What you have to do
Output exactly the lines below, starting with the line that has "#151=DIRECTION('',(-0.,1.,-0.));" and going on through the line that has "#173=CARTESIAN_POINT('',(0.07874,0.1969,2.953));", both included, and no other lines.

Records for this task
####
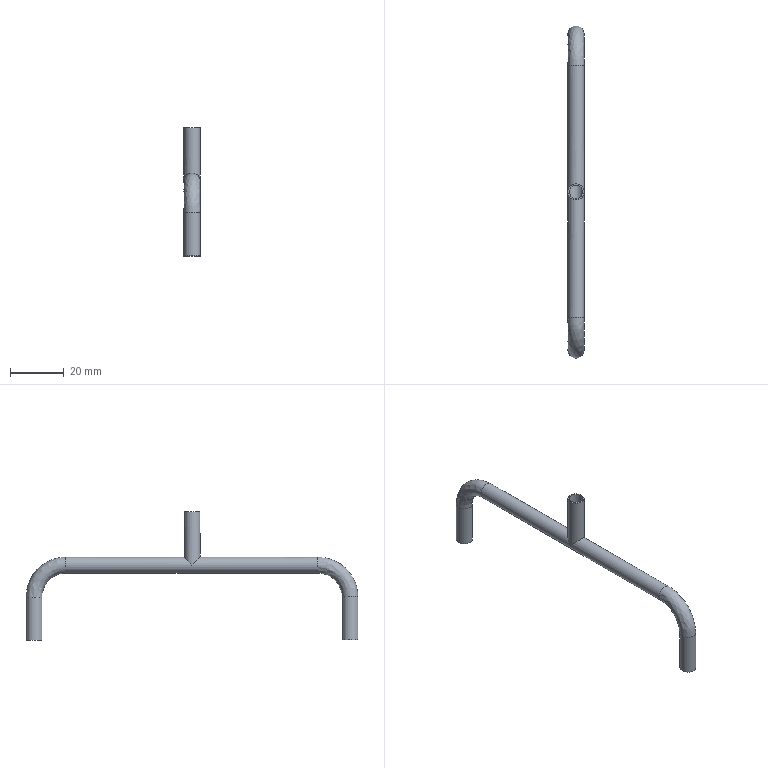Component | NX | PIPE | 1 solid | 15 faces | volume 1557 mm3 | cylinder 8 | other 4 | plane 3 | commonest cylinder face diameters 5 x4 6 x4
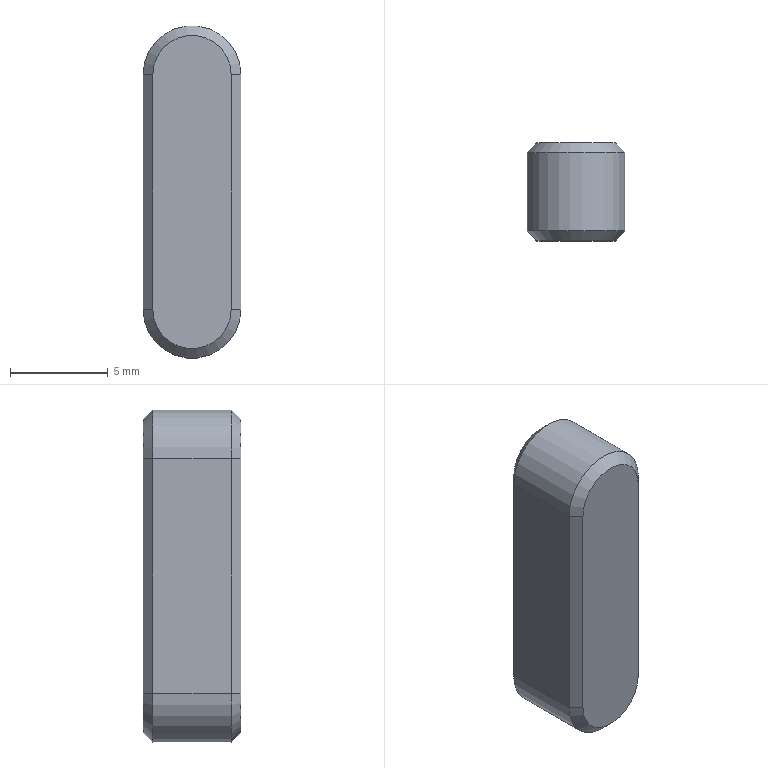Component | SolidWorks | 17x5x5ParallelKey-1 | 1 solid | 14 faces | box 5 x 5 x 17 mm | volume 389 mm3 | plane 8 | cone 4 | cylinder 2 | commonest cylinder face diameters 5 x2 | material AISI 1045 Steel, cold drawn
build123d program:
from build123d import *

# Parameters (mm, degrees)
BOSS_EXTRUDE1_DEPTH = 2.5
CHAMFER1_SIZE       = 0.5


with BuildPart() as part:
    # Sketch1 → Boss-Extrude1 (new, symmetric)
    with BuildSketch(Plane.XY):
        with BuildLine():
            Line((-2.5, -6), (-2.5, 6))
            ThreePointArc((-2.5, 6), (0, 8.5), (2.5, 6))
            Line((2.5, 6), (2.5, -6))
            ThreePointArc((2.5, -6), (0, -8.5), (-2.5, -6))
        make_face()
    extrude(amount=BOSS_EXTRUDE1_DEPTH, both=True)

    # Chamfer1
    chamfer1_edges = [part.edges().sort_by_distance(p)[0] for p in [
        (0, 8.5, 2.5),
        (-2.5, 0, 2.5),
        (0, -8.5, 2.5),
        (-2.5, 0, -2.5),
        (0, 8.5, -2.5),
        (2.5, 0, -2.5),
        (0, -8.5, -2.5),
        (2.5, 0, 2.5),
    ]]
    chamfer(chamfer1_edges, length=CHAMFER1_SIZE)


solid = part.part

# Placed as in the assembly
solid = solid.moved(Location((0, 7.5, 81), (90, 0, 0)))
STEP:
#1=CARTESIAN_POINT('',(-0.09843,0.374,3.425));
#2=VERTEX_POINT('',#1);
#3=CARTESIAN_POINT('',(-0.09843,0.2165,3.425));
#4=VERTEX_POINT('',#3);
#5=CARTESIAN_POINT('',(-0.09843,0.3937,3.425));
#6=DIRECTION('',(0.,-1.,0.));
#7=VECTOR('',#6,39.37);
#8=LINE('',#5,#7);
#9=EDGE_CURVE('',#2,#4,#8,.T.);
#10=ORIENTED_EDGE('',*,*,#9,.T.);
#11=CARTESIAN_POINT('',(0.09843,0.2165,3.425));
#12=VERTEX_POINT('',#11);
#13=CARTESIAN_POINT('',(0.,0.2165,3.425));
#14=DIRECTION('',(-0.,1.,-0.));
#15=DIRECTION('',(1.,0.,0.));
#16=AXIS2_PLACEMENT_3D('',#13,#14,#15);
#17=CIRCLE('',#16,0.09843);
#18=EDGE_CURVE('',#4,#12,#17,.T.);
#19=ORIENTED_EDGE('',*,*,#18,.T.);
#20=CARTESIAN_POINT('',(0.09843,0.374,3.425));
#21=VERTEX_POINT('',#20);
#22=CARTESIAN_POINT('',(0.09843,0.3937,3.425));
#23=DIRECTION('',(0.,-1.,0.));
#24=VECTOR('',#23,39.37);
#25=LINE('',#22,#24);
#26=EDGE_CURVE('',#21,#12,#25,.T.);
#27=ORIENTED_EDGE('',*,*,#26,.F.);
#28=CARTESIAN_POINT('',(0.,0.374,3.425));
#29=DIRECTION('',(0.,-1.,0.));
#30=DIRECTION('',(1.,0.,0.));
#31=AXIS2_PLACEMENT_3D('',#28,#29,#30);
#32=CIRCLE('',#31,0.09843);
#33=EDGE_CURVE('',#21,#2,#32,.T.);
#34=ORIENTED_EDGE('',*,*,#33,.T.);
#35=EDGE_LOOP('',(#10,#19,#27,#34));
#36=FACE_OUTER_BOUND('',#35,.T.);
#37=CARTESIAN_POINT('',(0.,0.3937,3.425));
#38=DIRECTION('',(0.,-1.,0.));
#39=DIRECTION('',(-1.,0.,0.));
#40=AXIS2_PLACEMENT_3D('',#37,#38,#39);
#41=CYLINDRICAL_SURFACE('',#40,0.09843);
#42=ADVANCED_FACE('',(#36),#41,.T.);
#43=ORIENTED_EDGE('',*,*,#26,.T.);
#44=CARTESIAN_POINT('',(0.09843,0.2165,2.953));
#45=VERTEX_POINT('',#44);
#46=CARTESIAN_POINT('',(0.09843,0.2165,3.425));
#47=DIRECTION('',(0.,-0.,-1.));
#48=VECTOR('',#47,39.37);
#49=LINE('',#46,#48);
#50=EDGE_CURVE('',#12,#45,#49,.T.);
#51=ORIENTED_EDGE('',*,*,#50,.T.);
#52=CARTESIAN_POINT('',(0.09843,0.374,2.953));
#53=VERTEX_POINT('',#52);
#54=CARTESIAN_POINT('',(0.09843,0.3937,2.953));
#55=DIRECTION('',(0.,-1.,0.));
#56=VECTOR('',#55,39.37);
#57=LINE('',#54,#56);
#58=EDGE_CURVE('',#53,#45,#57,.T.);
#59=ORIENTED_EDGE('',*,*,#58,.F.);
#60=CARTESIAN_POINT('',(0.09843,0.374,3.425));
#61=DIRECTION('',(-0.,0.,1.));
#62=VECTOR('',#61,39.37);
#63=LINE('',#60,#62);
#64=EDGE_CURVE('',#53,#21,#63,.T.);
#65=ORIENTED_EDGE('',*,*,#64,.T.);
#66=EDGE_LOOP('',(#43,#51,#59,#65));
#67=FACE_OUTER_BOUND('',#66,.T.);
#68=CARTESIAN_POINT('',(0.09843,0.3937,3.425));
#69=DIRECTION('',(-1.,-0.,-0.));
#70=DIRECTION('',(-0.,0.,1.));
#71=AXIS2_PLACEMENT_3D('',#68,#69,#70);
#72=PLANE('',#71);
#73=ADVANCED_FACE('',(#67),#72,.F.);
#74=ORIENTED_EDGE('',*,*,#58,.T.);
#75=CARTESIAN_POINT('',(-0.09843,0.2165,2.953));
#76=VERTEX_POINT('',#75);
#77=CARTESIAN_POINT('',(0.,0.2165,2.953));
#78=DIRECTION('',(-0.,1.,-0.));
#79=DIRECTION('',(1.,0.,0.));
#80=AXIS2_PLACEMENT_3D('',#77,#78,#79);
#81=CIRCLE('',#80,0.09843);
#82=EDGE_CURVE('',#45,#76,#81,.T.);
#83=ORIENTED_EDGE('',*,*,#82,.T.);
#84=CARTESIAN_POINT('',(-0.09843,0.374,2.953));
#85=VERTEX_POINT('',#84);
#86=CARTESIAN_POINT('',(-0.09843,0.3937,2.953));
#87=DIRECTION('',(0.,-1.,0.));
#88=VECTOR('',#87,39.37);
#89=LINE('',#86,#88);
#90=EDGE_CURVE('',#85,#76,#89,.T.);
#91=ORIENTED_EDGE('',*,*,#90,.F.);
#92=CARTESIAN_POINT('',(0.,0.374,2.953));
#93=DIRECTION('',(0.,-1.,0.));
#94=DIRECTION('',(1.,0.,0.));
#95=AXIS2_PLACEMENT_3D('',#92,#93,#94);
#96=CIRCLE('',#95,0.09843);
#97=EDGE_CURVE('',#85,#53,#96,.T.);
#98=ORIENTED_EDGE('',*,*,#97,.T.);
#99=EDGE_LOOP('',(#74,#83,#91,#98));
#100=FACE_OUTER_BOUND('',#99,.T.);
#101=CARTESIAN_POINT('',(0.,0.3937,2.953));
#102=DIRECTION('',(0.,-1.,0.));
#103=DIRECTION('',(-1.,0.,0.));
#104=AXIS2_PLACEMENT_3D('',#101,#102,#103);
#105=CYLINDRICAL_SURFACE('',#104,0.09843);
#106=ADVANCED_FACE('',(#100),#105,.T.);
#107=ORIENTED_EDGE('',*,*,#90,.T.);
#108=CARTESIAN_POINT('',(-0.09843,0.2165,3.425));
#109=DIRECTION('',(-0.,0.,1.));
#110=VECTOR('',#109,39.37);
#111=LINE('',#108,#110);
#112=EDGE_CURVE('',#76,#4,#111,.T.);
#113=ORIENTED_EDGE('',*,*,#112,.T.);
#114=ORIENTED_EDGE('',*,*,#9,.F.);
#115=CARTESIAN_POINT('',(-0.09843,0.374,2.953));
#116=DIRECTION('',(0.,-0.,-1.));
#117=VECTOR('',#116,39.37);
#118=LINE('',#115,#117);
#119=EDGE_CURVE('',#2,#85,#118,.T.);
#120=ORIENTED_EDGE('',*,*,#119,.T.);
#121=EDGE_LOOP('',(#107,#113,#114,#120));
#122=FACE_OUTER_BOUND('',#121,.T.);
#123=CARTESIAN_POINT('',(-0.09843,0.3937,3.425));
#124=DIRECTION('',(1.,0.,0.));
#125=DIRECTION('',(0.,-0.,-1.));
#126=AXIS2_PLACEMENT_3D('',#123,#124,#125);
#127=PLANE('',#126);
#128=ADVANCED_FACE('',(#122),#127,.F.);
#129=CARTESIAN_POINT('',(0.07874,0.3937,2.953));
#130=VERTEX_POINT('',#129);
#131=CARTESIAN_POINT('',(-0.07874,0.3937,2.953));
#132=VERTEX_POINT('',#131);
#133=CARTESIAN_POINT('',(0.,0.3937,2.953));
#134=DIRECTION('',(-0.,1.,-0.));
#135=DIRECTION('',(1.,0.,0.));
#136=AXIS2_PLACEMENT_3D('',#133,#134,#135);
#137=CIRCLE('',#136,0.07874);
#138=EDGE_CURVE('',#130,#132,#137,.T.);
#139=ORIENTED_EDGE('',*,*,#138,.T.);
#140=CARTESIAN_POINT('',(-0.07874,0.3937,3.425));
#141=VERTEX_POINT('',#140);
#142=CARTESIAN_POINT('',(-0.07874,0.3937,3.425));
#143=DIRECTION('',(-0.,0.,1.));
#144=VECTOR('',#143,39.37);
#145=LINE('',#142,#144);
#146=EDGE_CURVE('',#132,#141,#145,.T.);
#147=ORIENTED_EDGE('',*,*,#146,.T.);
#148=CARTESIAN_POINT('',(0.07874,0.3937,3.425));
#149=VERTEX_POINT('',#148);
#150=CARTESIAN_POINT('',(0.,0.3937,3.425));
#151=DIRECTION('',(-0.,1.,-0.));
#152=DIRECTION('',(1.,0.,0.));
#153=AXIS2_PLACEMENT_3D('',#150,#151,#152);
#154=CIRCLE('',#153,0.07874);
#155=EDGE_CURVE('',#141,#149,#154,.T.);
#156=ORIENTED_EDGE('',*,*,#155,.T.);
#157=CARTESIAN_POINT('',(0.07874,0.3937,2.953));
#158=DIRECTION('',(0.,-0.,-1.));
#159=VECTOR('',#158,39.37);
#160=LINE('',#157,#159);
#161=EDGE_CURVE('',#149,#130,#160,.T.);
#162=ORIENTED_EDGE('',*,*,#161,.T.);
#163=EDGE_LOOP('',(#139,#147,#156,#162));
#164=FACE_OUTER_BOUND('',#163,.T.);
#165=CARTESIAN_POINT('',(0.,0.3937,3.425));
#166=DIRECTION('',(-0.,1.,-0.));
#167=DIRECTION('',(1.,0.,0.));
#168=AXIS2_PLACEMENT_3D('',#165,#166,#167);
#169=PLANE('',#168);
#170=ADVANCED_FACE('',(#164),#169,.T.);
#171=CARTESIAN_POINT('',(-0.07874,0.1969,2.953));
#172=VERTEX_POINT('',#171);
#173=CARTESIAN_POINT('',(0.07874,0.1969,2.953));
#174=VERTEX_POINT('',#173);
#175=CARTESIAN_POINT('',(0.,0.1969,2.953));
#176=DIRECTION('',(0.,-1.,0.));
#177=DIRECTION('',(1.,0.,0.));
#178=AXIS2_PLACEMENT_3D('',#175,#176,#177);
#179=CIRCLE('',#178,0.07874);
#180=EDGE_CURVE('',#172,#174,#179,.T.);
#181=ORIENTED_EDGE('',*,*,#180,.T.);
#182=CARTESIAN_POINT('',(0.07874,0.1969,3.425));
#183=VERTEX_POINT('',#182);
#184=CARTESIAN_POINT('',(0.07874,0.1969,3.425));
#185=DIRECTION('',(-0.,0.,1.));
#186=VECTOR('',#185,39.37);
#187=LINE('',#184,#186);
#188=EDGE_CURVE('',#174,#183,#187,.T.);
#189=ORIENTED_EDGE('',*,*,#188,.T.);
#190=CARTESIAN_POINT('',(-0.07874,0.1969,3.425));
#191=VERTEX_POINT('',#190);
#192=CARTESIAN_POINT('',(0.,0.1969,3.425));
#193=DIRECTION('',(0.,-1.,0.));
#194=DIRECTION('',(1.,0.,0.));
#195=AXIS2_PLACEMENT_3D('',#192,#193,#194);
#196=CIRCLE('',#195,0.07874);
#197=EDGE_CURVE('',#183,#191,#196,.T.);
#198=ORIENTED_EDGE('',*,*,#197,.T.);
#199=CARTESIAN_POINT('',(-0.07874,0.1969,3.425));
#200=DIRECTION('',(0.,-0.,-1.));
#201=VECTOR('',#200,39.37);
#202=LINE('',#199,#201);
#203=EDGE_CURVE('',#191,#172,#202,.T.);
#204=ORIENTED_EDGE('',*,*,#203,.T.);
#205=EDGE_LOOP('',(#181,#189,#198,#204));
#206=FACE_OUTER_BOUND('',#205,.T.);
#207=CARTESIAN_POINT('',(0.,0.1969,3.425));
#208=DIRECTION('',(-0.,1.,-0.));
#209=DIRECTION('',(1.,0.,0.));
#210=AXIS2_PLACEMENT_3D('',#207,#208,#209);
#211=PLANE('',#210);
#212=ADVANCED_FACE('',(#206),#211,.F.);
#213=CARTESIAN_POINT('',(-0.07874,0.1969,2.953));
#214=DIRECTION('',(-0.7071,0.7071,-0.));
#215=VECTOR('',#214,39.37);
#216=LINE('',#213,#215);
#217=EDGE_CURVE('',#172,#76,#216,.T.);
#218=ORIENTED_EDGE('',*,*,#217,.F.);
#219=ORIENTED_EDGE('',*,*,#203,.F.);
#220=CARTESIAN_POINT('',(-0.09843,0.2165,3.425));
#221=DIRECTION('',(0.7071,-0.7071,0.));
#222=VECTOR('',#221,39.37);
#223=LINE('',#220,#222);
#224=EDGE_CURVE('',#4,#191,#223,.T.);
#225=ORIENTED_EDGE('',*,*,#224,.F.);
#226=ORIENTED_EDGE('',*,*,#112,.F.);
#227=EDGE_LOOP('',(#218,#219,#225,#226));
#228=FACE_OUTER_BOUND('',#227,.T.);
#229=CARTESIAN_POINT('',(-0.09843,0.2165,3.425));
#230=DIRECTION('',(0.7071,0.7071,0.));
#231=DIRECTION('',(-0.,0.,1.));
#232=AXIS2_PLACEMENT_3D('',#229,#230,#231);
#233=PLANE('',#232);
#234=ADVANCED_FACE('',(#228),#233,.F.);
#235=ORIENTED_EDGE('',*,*,#224,.T.);
#236=ORIENTED_EDGE('',*,*,#197,.F.);
#237=CARTESIAN_POINT('',(0.09843,0.2165,3.425));
#238=DIRECTION('',(-0.7071,-0.7071,-0.));
#239=VECTOR('',#238,39.37);
#240=LINE('',#237,#239);
#241=EDGE_CURVE('',#12,#183,#240,.T.);
#242=ORIENTED_EDGE('',*,*,#241,.F.);
#243=ORIENTED_EDGE('',*,*,#18,.F.);
#244=EDGE_LOOP('',(#235,#236,#242,#243));
#245=FACE_OUTER_BOUND('',#244,.T.);
#246=CARTESIAN_POINT('',(0.,0.2165,3.425));
#247=DIRECTION('',(-0.,1.,-0.));
#248=DIRECTION('',(1.,0.,0.));
#249=AXIS2_PLACEMENT_3D('',#246,#247,#248);
#250=CONICAL_SURFACE('',#249,0.09843,0.7854);
#251=ADVANCED_FACE('',(#245),#250,.T.);
#252=ORIENTED_EDGE('',*,*,#217,.T.);
#253=ORIENTED_EDGE('',*,*,#82,.F.);
#254=CARTESIAN_POINT('',(0.07874,0.1969,2.953));
#255=DIRECTION('',(0.7071,0.7071,0.));
#256=VECTOR('',#255,39.37);
#257=LINE('',#254,#256);
#258=EDGE_CURVE('',#174,#45,#257,.T.);
#259=ORIENTED_EDGE('',*,*,#258,.F.);
#260=ORIENTED_EDGE('',*,*,#180,.F.);
#261=EDGE_LOOP('',(#252,#253,#259,#260));
#262=FACE_OUTER_BOUND('',#261,.T.);
#263=CARTESIAN_POINT('',(0.,0.2165,2.953));
#264=DIRECTION('',(-0.,1.,-0.));
#265=DIRECTION('',(1.,0.,0.));
#266=AXIS2_PLACEMENT_3D('',#263,#264,#265);
#267=CONICAL_SURFACE('',#266,0.09843,0.7854);
#268=ADVANCED_FACE('',(#262),#267,.T.);
#269=ORIENTED_EDGE('',*,*,#241,.T.);
#270=ORIENTED_EDGE('',*,*,#188,.F.);
#271=ORIENTED_EDGE('',*,*,#258,.T.);
#272=ORIENTED_EDGE('',*,*,#50,.F.);
#273=EDGE_LOOP('',(#269,#270,#271,#272));
#274=FACE_OUTER_BOUND('',#273,.T.);
#275=CARTESIAN_POINT('',(0.09843,0.2165,3.425));
#276=DIRECTION('',(-0.7071,0.7071,-0.));
#277=DIRECTION('',(0.,-0.,-1.));
#278=AXIS2_PLACEMENT_3D('',#275,#276,#277);
#279=PLANE('',#278);
#280=ADVANCED_FACE('',(#274),#279,.F.);
#281=CARTESIAN_POINT('',(0.09843,0.374,3.425));
#282=DIRECTION('',(-0.7071,0.7071,-0.));
#283=VECTOR('',#282,39.37);
#284=LINE('',#281,#283);
#285=EDGE_CURVE('',#21,#149,#284,.T.);
#286=ORIENTED_EDGE('',*,*,#285,.F.);
#287=ORIENTED_EDGE('',*,*,#64,.F.);
#288=CARTESIAN_POINT('',(0.07874,0.3937,2.953));
#289=DIRECTION('',(0.7071,-0.7071,0.));
#290=VECTOR('',#289,39.37);
#291=LINE('',#288,#290);
#292=EDGE_CURVE('',#130,#53,#291,.T.);
#293=ORIENTED_EDGE('',*,*,#292,.F.);
#294=ORIENTED_EDGE('',*,*,#161,.F.);
#295=EDGE_LOOP('',(#286,#287,#293,#294));
#296=FACE_OUTER_BOUND('',#295,.T.);
#297=CARTESIAN_POINT('',(0.07874,0.3937,3.425));
#298=DIRECTION('',(0.7071,0.7071,0.));
#299=DIRECTION('',(-0.,0.,1.));
#300=AXIS2_PLACEMENT_3D('',#297,#298,#299);
#301=PLANE('',#300);
#302=ADVANCED_FACE('',(#296),#301,.T.);
#303=ORIENTED_EDGE('',*,*,#292,.T.);
#304=ORIENTED_EDGE('',*,*,#97,.F.);
#305=CARTESIAN_POINT('',(-0.07874,0.3937,2.953));
#306=DIRECTION('',(-0.7071,-0.7071,-0.));
#307=VECTOR('',#306,39.37);
#308=LINE('',#305,#307);
#309=EDGE_CURVE('',#132,#85,#308,.T.);
#310=ORIENTED_EDGE('',*,*,#309,.F.);
#311=ORIENTED_EDGE('',*,*,#138,.F.);
#312=EDGE_LOOP('',(#303,#304,#310,#311));
#313=FACE_OUTER_BOUND('',#312,.T.);
#314=CARTESIAN_POINT('',(0.,0.3937,2.953));
#315=DIRECTION('',(0.,-1.,0.));
#316=DIRECTION('',(-1.,0.,0.));
#317=AXIS2_PLACEMENT_3D('',#314,#315,#316);
#318=CONICAL_SURFACE('',#317,0.07874,0.7854);
#319=ADVANCED_FACE('',(#313),#318,.T.);
#320=ORIENTED_EDGE('',*,*,#285,.T.);
#321=ORIENTED_EDGE('',*,*,#155,.F.);
#322=CARTESIAN_POINT('',(-0.09843,0.374,3.425));
#323=DIRECTION('',(0.7071,0.7071,0.));
#324=VECTOR('',#323,39.37);
#325=LINE('',#322,#324);
#326=EDGE_CURVE('',#2,#141,#325,.T.);
#327=ORIENTED_EDGE('',*,*,#326,.F.);
#328=ORIENTED_EDGE('',*,*,#33,.F.);
#329=EDGE_LOOP('',(#320,#321,#327,#328));
#330=FACE_OUTER_BOUND('',#329,.T.);
#331=CARTESIAN_POINT('',(0.,0.3937,3.425));
#332=DIRECTION('',(0.,-1.,0.));
#333=DIRECTION('',(-1.,0.,0.));
#334=AXIS2_PLACEMENT_3D('',#331,#332,#333);
#335=CONICAL_SURFACE('',#334,0.07874,0.7854);
#336=ADVANCED_FACE('',(#330),#335,.T.);
#337=ORIENTED_EDGE('',*,*,#309,.T.);
#338=ORIENTED_EDGE('',*,*,#119,.F.);
#339=ORIENTED_EDGE('',*,*,#326,.T.);
#340=ORIENTED_EDGE('',*,*,#146,.F.);
#341=EDGE_LOOP('',(#337,#338,#339,#340));
#342=FACE_OUTER_BOUND('',#341,.T.);
#343=CARTESIAN_POINT('',(-0.07874,0.3937,3.425));
#344=DIRECTION('',(-0.7071,0.7071,-0.));
#345=DIRECTION('',(0.,-0.,-1.));
#346=AXIS2_PLACEMENT_3D('',#343,#344,#345);
#347=PLANE('',#346);
#348=ADVANCED_FACE('',(#342),#347,.T.);
#349=CLOSED_SHELL('',(#42,#73,#106,#128,#170,#212,#234,#251,#268,#280,#302,#319,#336,#348));
#350=MANIFOLD_SOLID_BREP('',#349);
#351=CARTESIAN_POINT('',(0.,0.,0.));
#352=DIRECTION('',(0.,0.,1.));
#353=DIRECTION('',(1.,0.,0.));
#354=AXIS2_PLACEMENT_3D('',#351,#352,#353);
#355=(LENGTH_UNIT()NAMED_UNIT(*)SI_UNIT($,.METRE.));
#356=LENGTH_MEASURE_WITH_UNIT(LENGTH_MEASURE(0.0254),#355);
#357=DIMENSIONAL_EXPONENTS(1.,0.,0.,0.,0.,0.,0.);
#358=(CONVERSION_BASED_UNIT('',#356)LENGTH_UNIT()NAMED_UNIT(#357));
#359=UNCERTAINTY_MEASURE_WITH_UNIT(LENGTH_MEASURE(0.00001),#358,'','');
#360=(NAMED_UNIT(*)PLANE_ANGLE_UNIT()SI_UNIT($,.RADIAN.));
#361=(NAMED_UNIT(*)SI_UNIT($,.STERADIAN.)SOLID_ANGLE_UNIT());
#362=(GEOMETRIC_REPRESENTATION_CONTEXT(3)GLOBAL_UNCERTAINTY_ASSIGNED_CONTEXT((#359))GLOBAL_UNIT_ASSIGNED_CONTEXT((#358,#360,#361))REPRESENTATION_CONTEXT('',''));
#363=ADVANCED_BREP_SHAPE_REPRESENTATION('',(#350,#354),#362);
#364=COLOUR_RGB('',0.7922,0.8196,0.9333);
#365=FILL_AREA_STYLE_COLOUR('',#364);
#366=FILL_AREA_STYLE('',(#365));
#367=SURFACE_STYLE_FILL_AREA(#366);
#368=SURFACE_SIDE_STYLE('',(#367));
#369=SURFACE_STYLE_USAGE(.BOTH.,#368);
#370=PRESENTATION_STYLE_ASSIGNMENT((#369));
#371=STYLED_ITEM('',(#370),#350);
#372=PRESENTATION_LAYER_ASSIGNMENT('','',(#371));
#373=(LENGTH_UNIT()NAMED_UNIT(*)SI_UNIT($,.METRE.));
#374=LENGTH_MEASURE_WITH_UNIT(LENGTH_MEASURE(0.0254),#373);
#375=DIMENSIONAL_EXPONENTS(1.,0.,0.,0.,0.,0.,0.);
#376=(CONVERSION_BASED_UNIT('',#374)LENGTH_UNIT()NAMED_UNIT(#375));
#377=UNCERTAINTY_MEASURE_WITH_UNIT(LENGTH_MEASURE(0.00001),#376,'','');
#378=(NAMED_UNIT(*)PLANE_ANGLE_UNIT()SI_UNIT($,.RADIAN.));
#379=(NAMED_UNIT(*)SI_UNIT($,.STERADIAN.)SOLID_ANGLE_UNIT());
#380=(GEOMETRIC_REPRESENTATION_CONTEXT(3)GLOBAL_UNCERTAINTY_ASSIGNED_CONTEXT((#377))GLOBAL_UNIT_ASSIGNED_CONTEXT((#376,#378,#379))REPRESENTATION_CONTEXT('',''));
#381=MECHANICAL_DESIGN_GEOMETRIC_PRESENTATION_REPRESENTATION('',(#371),#380);
####
Expected answer
#151=DIRECTION('',(-0.,1.,-0.));
#152=DIRECTION('',(1.,0.,0.));
#153=AXIS2_PLACEMENT_3D('',#150,#151,#152);
#154=CIRCLE('',#153,0.07874);
#155=EDGE_CURVE('',#141,#149,#154,.T.);
#156=ORIENTED_EDGE('',*,*,#155,.T.);
#157=CARTESIAN_POINT('',(0.07874,0.3937,2.953));
#158=DIRECTION('',(0.,-0.,-1.));
#159=VECTOR('',#158,39.37);
#160=LINE('',#157,#159);
#161=EDGE_CURVE('',#149,#130,#160,.T.);
#162=ORIENTED_EDGE('',*,*,#161,.T.);
#163=EDGE_LOOP('',(#139,#147,#156,#162));
#164=FACE_OUTER_BOUND('',#163,.T.);
#165=CARTESIAN_POINT('',(0.,0.3937,3.425));
#166=DIRECTION('',(-0.,1.,-0.));
#167=DIRECTION('',(1.,0.,0.));
#168=AXIS2_PLACEMENT_3D('',#165,#166,#167);
#169=PLANE('',#168);
#170=ADVANCED_FACE('',(#164),#169,.T.);
#171=CARTESIAN_POINT('',(-0.07874,0.1969,2.953));
#172=VERTEX_POINT('',#171);
#173=CARTESIAN_POINT('',(0.07874,0.1969,2.953));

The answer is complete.